- [Work instructions]:
Return all lines of the data in which the string "project" occurs.

★ ★ ★ ★ ★ ★ ★

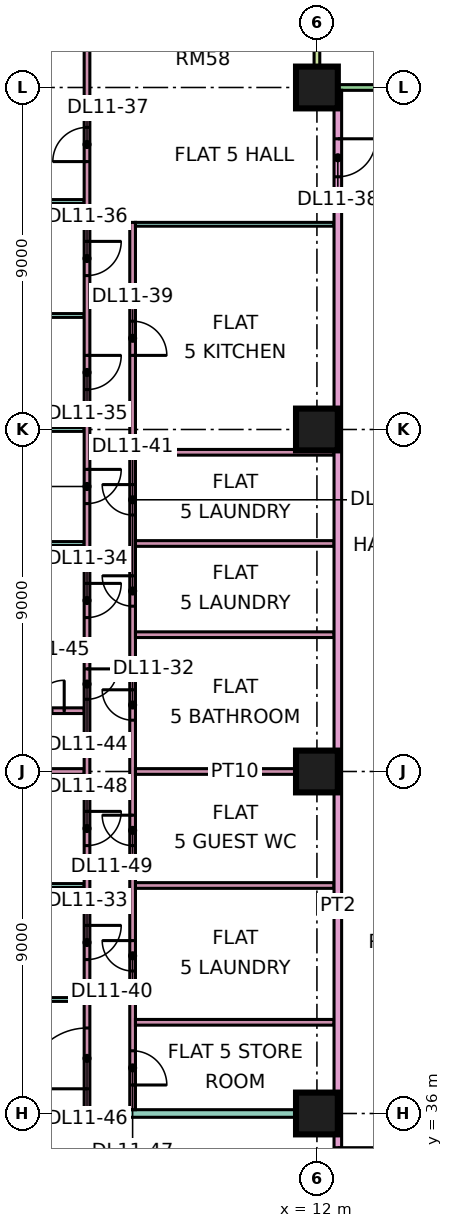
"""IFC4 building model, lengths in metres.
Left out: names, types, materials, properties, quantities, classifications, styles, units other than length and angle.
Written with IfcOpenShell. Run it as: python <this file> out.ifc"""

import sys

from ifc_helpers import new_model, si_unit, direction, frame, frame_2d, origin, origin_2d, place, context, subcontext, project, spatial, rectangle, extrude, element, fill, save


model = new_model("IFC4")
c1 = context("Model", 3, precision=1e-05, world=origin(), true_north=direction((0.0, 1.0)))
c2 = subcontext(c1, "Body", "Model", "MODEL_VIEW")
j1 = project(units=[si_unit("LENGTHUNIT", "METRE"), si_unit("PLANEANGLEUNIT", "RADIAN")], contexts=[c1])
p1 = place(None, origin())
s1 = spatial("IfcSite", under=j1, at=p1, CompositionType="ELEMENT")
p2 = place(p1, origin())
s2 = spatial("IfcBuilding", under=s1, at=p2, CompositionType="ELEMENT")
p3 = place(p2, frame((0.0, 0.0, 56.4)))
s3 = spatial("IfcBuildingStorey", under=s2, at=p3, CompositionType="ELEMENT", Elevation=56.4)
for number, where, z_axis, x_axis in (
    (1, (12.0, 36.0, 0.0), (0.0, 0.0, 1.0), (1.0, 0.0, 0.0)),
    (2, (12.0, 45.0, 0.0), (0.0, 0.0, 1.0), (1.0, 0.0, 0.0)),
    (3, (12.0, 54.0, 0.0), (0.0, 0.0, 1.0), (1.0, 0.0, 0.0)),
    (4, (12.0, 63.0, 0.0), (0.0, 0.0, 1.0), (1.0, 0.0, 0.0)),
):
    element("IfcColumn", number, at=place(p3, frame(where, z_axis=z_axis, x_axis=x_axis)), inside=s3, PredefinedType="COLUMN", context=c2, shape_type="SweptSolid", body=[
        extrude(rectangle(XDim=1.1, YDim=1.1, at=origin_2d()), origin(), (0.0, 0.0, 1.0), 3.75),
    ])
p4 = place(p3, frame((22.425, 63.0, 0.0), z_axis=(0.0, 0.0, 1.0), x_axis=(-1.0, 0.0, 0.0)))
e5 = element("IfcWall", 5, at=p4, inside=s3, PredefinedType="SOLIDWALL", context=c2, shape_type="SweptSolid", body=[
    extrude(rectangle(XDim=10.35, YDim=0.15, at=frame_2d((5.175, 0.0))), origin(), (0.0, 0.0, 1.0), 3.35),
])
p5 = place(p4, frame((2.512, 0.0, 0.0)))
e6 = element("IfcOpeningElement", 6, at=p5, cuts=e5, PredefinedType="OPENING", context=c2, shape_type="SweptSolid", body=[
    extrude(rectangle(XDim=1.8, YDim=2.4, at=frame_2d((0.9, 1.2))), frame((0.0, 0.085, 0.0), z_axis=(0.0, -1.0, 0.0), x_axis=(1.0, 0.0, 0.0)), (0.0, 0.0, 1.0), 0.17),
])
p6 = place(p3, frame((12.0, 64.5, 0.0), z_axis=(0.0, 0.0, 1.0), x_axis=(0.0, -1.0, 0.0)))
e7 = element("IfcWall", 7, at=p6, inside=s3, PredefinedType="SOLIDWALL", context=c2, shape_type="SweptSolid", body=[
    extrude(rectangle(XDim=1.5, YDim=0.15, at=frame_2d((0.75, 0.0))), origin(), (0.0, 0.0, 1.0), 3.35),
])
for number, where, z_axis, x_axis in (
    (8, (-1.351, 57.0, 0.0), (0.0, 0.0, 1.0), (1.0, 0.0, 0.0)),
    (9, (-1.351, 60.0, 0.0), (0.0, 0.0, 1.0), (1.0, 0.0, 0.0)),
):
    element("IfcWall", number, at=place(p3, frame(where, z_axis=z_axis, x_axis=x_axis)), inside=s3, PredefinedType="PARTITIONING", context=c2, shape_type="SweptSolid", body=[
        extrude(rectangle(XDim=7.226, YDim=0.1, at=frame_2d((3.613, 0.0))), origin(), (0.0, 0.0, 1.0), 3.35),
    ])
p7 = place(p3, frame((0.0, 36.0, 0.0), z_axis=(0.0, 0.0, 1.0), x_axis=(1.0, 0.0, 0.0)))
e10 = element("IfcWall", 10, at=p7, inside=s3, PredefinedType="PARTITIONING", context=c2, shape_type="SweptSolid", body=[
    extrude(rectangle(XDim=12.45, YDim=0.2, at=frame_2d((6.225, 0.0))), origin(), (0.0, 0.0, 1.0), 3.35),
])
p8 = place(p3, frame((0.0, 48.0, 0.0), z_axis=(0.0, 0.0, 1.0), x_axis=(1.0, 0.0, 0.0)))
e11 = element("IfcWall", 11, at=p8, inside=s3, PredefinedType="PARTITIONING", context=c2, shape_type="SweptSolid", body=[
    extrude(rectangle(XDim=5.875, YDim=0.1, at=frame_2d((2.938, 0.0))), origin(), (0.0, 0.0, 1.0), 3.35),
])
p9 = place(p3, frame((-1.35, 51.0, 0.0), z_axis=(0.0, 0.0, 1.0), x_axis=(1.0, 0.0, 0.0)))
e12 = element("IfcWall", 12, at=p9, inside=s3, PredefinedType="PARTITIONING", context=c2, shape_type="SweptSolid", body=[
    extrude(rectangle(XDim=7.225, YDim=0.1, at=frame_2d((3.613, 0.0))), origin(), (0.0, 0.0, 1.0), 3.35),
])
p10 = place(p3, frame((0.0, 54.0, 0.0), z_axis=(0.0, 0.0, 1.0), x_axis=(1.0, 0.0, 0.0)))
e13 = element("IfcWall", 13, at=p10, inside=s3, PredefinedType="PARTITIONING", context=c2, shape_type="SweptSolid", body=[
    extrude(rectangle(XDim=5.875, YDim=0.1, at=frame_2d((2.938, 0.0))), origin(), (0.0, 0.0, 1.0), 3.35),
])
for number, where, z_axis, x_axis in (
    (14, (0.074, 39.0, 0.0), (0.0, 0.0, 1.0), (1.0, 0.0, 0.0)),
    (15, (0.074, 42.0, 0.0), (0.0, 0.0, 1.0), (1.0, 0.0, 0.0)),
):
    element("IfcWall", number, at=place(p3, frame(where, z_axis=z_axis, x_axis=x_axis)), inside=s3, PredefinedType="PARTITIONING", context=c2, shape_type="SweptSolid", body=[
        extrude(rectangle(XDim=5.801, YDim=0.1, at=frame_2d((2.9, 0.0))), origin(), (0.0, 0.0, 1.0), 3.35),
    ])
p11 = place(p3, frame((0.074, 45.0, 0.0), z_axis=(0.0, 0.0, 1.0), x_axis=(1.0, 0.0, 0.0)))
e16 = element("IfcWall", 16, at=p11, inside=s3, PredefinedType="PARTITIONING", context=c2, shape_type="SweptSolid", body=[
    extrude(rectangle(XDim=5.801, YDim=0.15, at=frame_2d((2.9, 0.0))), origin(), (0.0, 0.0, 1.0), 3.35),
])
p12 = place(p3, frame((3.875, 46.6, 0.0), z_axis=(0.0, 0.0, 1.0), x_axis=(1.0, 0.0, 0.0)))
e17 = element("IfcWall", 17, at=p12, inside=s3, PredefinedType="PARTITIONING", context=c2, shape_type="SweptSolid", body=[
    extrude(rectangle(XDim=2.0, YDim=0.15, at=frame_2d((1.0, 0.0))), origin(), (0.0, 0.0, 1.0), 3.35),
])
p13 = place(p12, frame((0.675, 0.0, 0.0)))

★ ★ ★ ★ ★ ★ ★

- [Response below]:
from ifc_helpers import new_model, si_unit, direction, frame, frame_2d, origin, origin_2d, place, context, subcontext, project, spatial, rectangle, extrude, element, fill, save
j1 = project(units=[si_unit("LENGTHUNIT", "METRE"), si_unit("PLANEANGLEUNIT", "RADIAN")], contexts=[c1])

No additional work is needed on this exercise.